#### [Your assignment]
From the records that follow, copy every line in which "COLUMN" appears.

Stored entries:
━━━
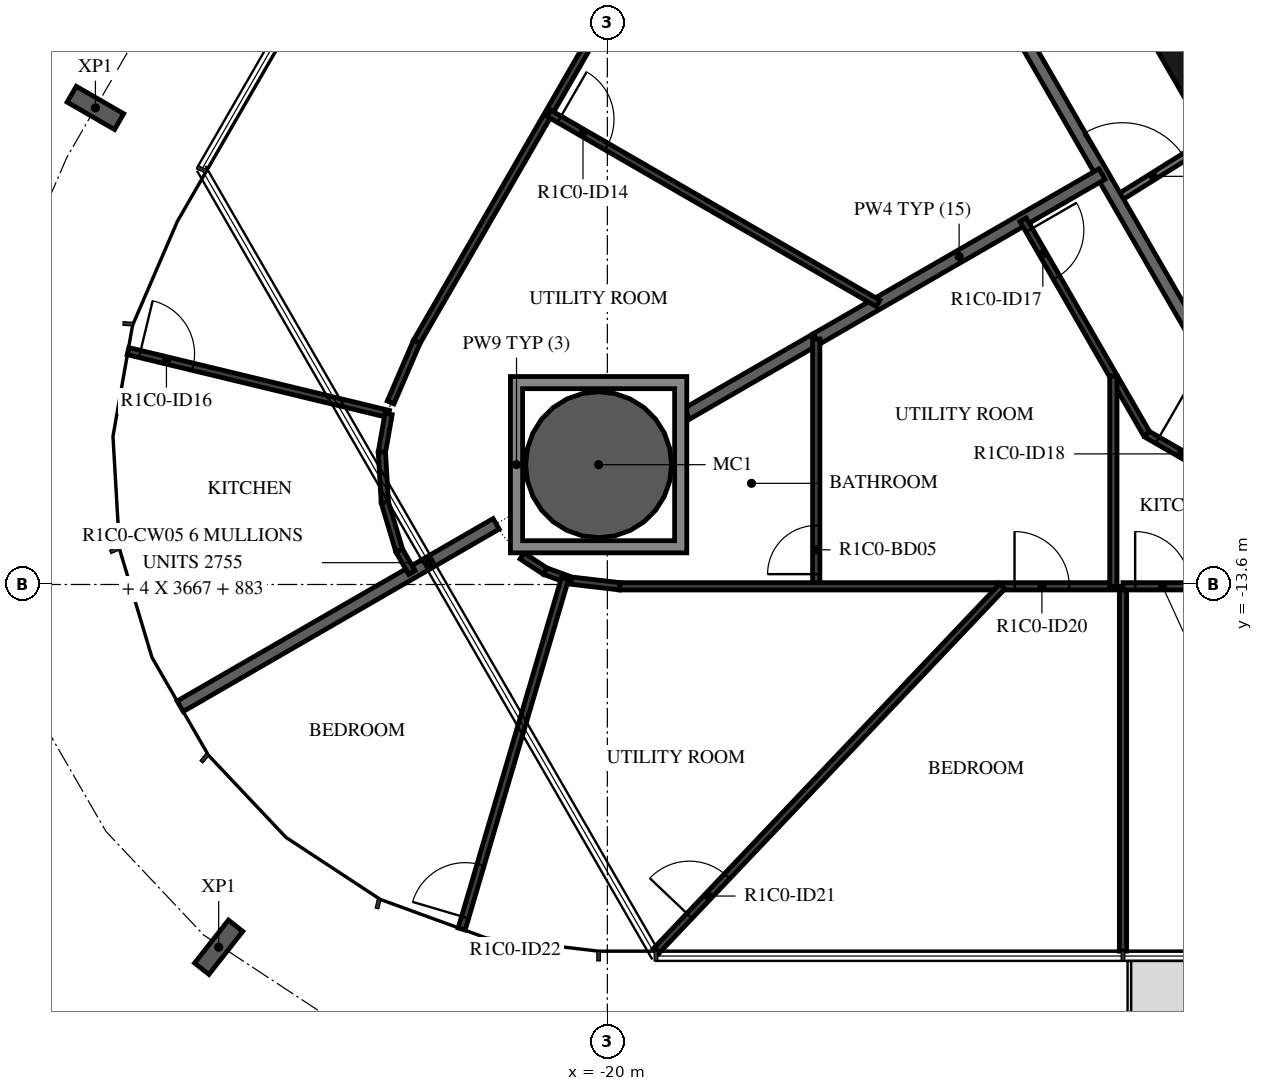
"""IFC4 building model, lengths in metres.
Left out: names, types, materials, properties, quantities, classifications, styles, units other than length and angle.
Written with IfcOpenShell. Run it as: python <this file> out.ifc"""

import sys

from ifc_helpers import new_model, si_unit, direction, frame, frame_2d, origin, origin_2d, place, context, subcontext, project, spatial, polyline, rectangle, hollow_circle, i_section, outline, extrude, element, fill, save


model = new_model("IFC4")
c1 = context("Model", 3, precision=1e-05, world=origin(), true_north=direction((0.0, 1.0)))
c2 = subcontext(c1, "Body", "Model", "MODEL_VIEW")
j1 = project(units=[si_unit("LENGTHUNIT", "METRE"), si_unit("PLANEANGLEUNIT", "RADIAN")], contexts=[c1])
p1 = place(None, origin())
s1 = spatial("IfcSite", under=j1, at=p1, CompositionType="ELEMENT")
p2 = place(p1, origin())
s2 = spatial("IfcBuilding", under=s1, at=p2, CompositionType="ELEMENT")
p3 = place(p2, frame((0.0, 0.0, 66.4)))
s3 = spatial("IfcBuildingStorey", under=s2, at=p3, CompositionType="ELEMENT", Elevation=66.4)
p4 = place(p3, frame((-20.144, -11.63, -0.38), z_axis=(0.0, 0.0, 1.0), x_axis=(1.0, 0.0, 0.0)))
e1 = element("IfcColumn", 1, at=p4, inside=s3, PredefinedType="COLUMN", context=c2, shape_type="SweptSolid", body=[
    extrude(hollow_circle(Radius=1.2, WallThickness=0.06, at=origin_2d()), origin(), (0.0, 0.0, 1.0), 2.616),
])
for number, where, z_axis, x_axis in (
    (2, (-28.419, -5.763, -0.38), (0.0, 0.0, 1.0), (0.5, 0.866, 0.0)),
    (3, (-26.392, -19.565, -0.38), (0.0, 0.0, 1.0), (-0.786, 0.619, 0.0)),
):
    element("IfcColumn", number, at=place(p3, frame(where, z_axis=z_axis, x_axis=x_axis)), inside=s3, PredefinedType="COLUMN", context=c2, shape_type="SweptSolid", body=[
        extrude(i_section(OverallWidth=0.3, OverallDepth=0.9, WebThickness=0.019, FlangeThickness=0.035, FilletRadius=0.03, at=origin_2d()), origin(), (0.0, 0.0, 1.0), 2.616),
    ])
p5 = place(p3, frame((-10.845, -4.51, 0.0), z_axis=(0.0, 0.0, 1.0), x_axis=(0.500087131594, -0.865975092491, 0.0)))
e4 = element("IfcWall", 4, at=p5, inside=s3, PredefinedType="SHEAR", context=c2, shape_type="SweptSolid", body=[
    extrude(rectangle(XDim=3.033, YDim=0.5, at=frame_2d((1.516, 0.0))), origin(), (0.0, 0.0, 1.0), 3.05),
])
p6 = place(p3, frame((-11.625, -7.264, 0.0), z_axis=(0.0, 0.0, 1.0), x_axis=(0.84803632456, 0.529938102259, 0.0)))
e5 = element("IfcWall", 5, at=p6, inside=s3, PredefinedType="PARTITIONING", context=c2, shape_type="SweptSolid", body=[
    extrude(rectangle(XDim=1.804, YDim=0.12, at=frame_2d((0.902, 0.0))), origin(), (0.0, 0.0, 1.0), 3.05),
])
p7 = place(p6, frame((0.11, 0.0, 0.0)))
e6 = element("IfcOpeningElement", 6, at=p7, cuts=e5, PredefinedType="OPENING", context=c2, shape_type="SweptSolid", body=[
    extrude(rectangle(XDim=1.2, YDim=2.1, at=frame_2d((0.6, 1.05))), frame((0.0, 0.07, 0.0), z_axis=(0.0, -1.0, 0.0), x_axis=(1.0, 0.0, 0.0)), (0.0, 0.0, 1.0), 0.14),
])
p8 = place(p3, frame((-13.7, -3.671, 0.0), z_axis=(0.0, 0.0, 1.0), x_axis=(0.500001669485, -0.866024439905, 0.0)))
e7 = element("IfcWall", 7, at=p8, inside=s3, PredefinedType="STANDARD", context=c2, shape_type="SweptSolid", body=[
    extrude(rectangle(XDim=7.342, YDim=0.2, at=frame_2d((3.671, 0.0))), origin(), (0.0, 0.0, 1.0), 3.05),
])
p9 = place(p3, frame((-16.565, -9.564, 0.0), z_axis=(0.0, 0.0, 1.0), x_axis=(0.866028274568, 0.499995027624, 0.0)))
e8 = element("IfcWall", 8, at=p9, inside=s3, PredefinedType="STANDARD", context=c2, shape_type="SweptSolid", body=[
    extrude(rectangle(XDim=5.427, YDim=0.2, at=frame_2d((2.714, 0.0))), origin(), (0.0, 0.0, 1.0), 3.05),
])
p10 = place(p3, frame((-27.025, -15.603, 0.0), z_axis=(0.0, 0.0, 1.0), x_axis=(0.866020924479, 0.500007758305, 0.0)))
e9 = element("IfcWall", 9, at=p10, inside=s3, PredefinedType="STANDARD", context=c2, shape_type="SweptSolid", body=[
    extrude(rectangle(XDim=6.0, YDim=0.2, at=frame_2d((3.0, 0.0))), origin(), (0.0, 0.0, 1.0), 3.05),
])
p11 = place(p3, frame((-18.694, -10.793, 0.0), z_axis=(0.0, 0.0, 1.0), x_axis=(0.866046662726, 0.499963176624, 0.0)))
e10 = element("IfcWall", 10, at=p11, inside=s3, PredefinedType="STANDARD", context=c2, shape_type="SweptSolid", body=[
    extrude(rectangle(XDim=2.458, YDim=0.2, at=frame_2d((1.229, 0.0))), origin(), (0.0, 0.0, 1.0), 3.05),
])
p12 = place(p3, frame((-17.13, 0.79, 0.0), z_axis=(0.0, 0.0, 1.0), x_axis=(-0.499997052475, -0.866027105532, 0.0)))
e11 = element("IfcWall", 11, at=p12, inside=s3, PredefinedType="PARTITIONING", context=c2, shape_type="SweptSolid", body=[
    extrude(rectangle(XDim=12.006, YDim=0.12, at=frame_2d((6.003, 0.0))), origin(), (0.0, 0.0, 1.0), 3.05),
])
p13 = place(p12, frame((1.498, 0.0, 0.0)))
━━━
#### [Solution to this task]
e1 = element("IfcColumn", 1, at=p4, inside=s3, PredefinedType="COLUMN", context=c2, shape_type="SweptSolid", body=[
    element("IfcColumn", number, at=place(p3, frame(where, z_axis=z_axis, x_axis=x_axis)), inside=s3, PredefinedType="COLUMN", context=c2, shape_type="SweptSolid", body=[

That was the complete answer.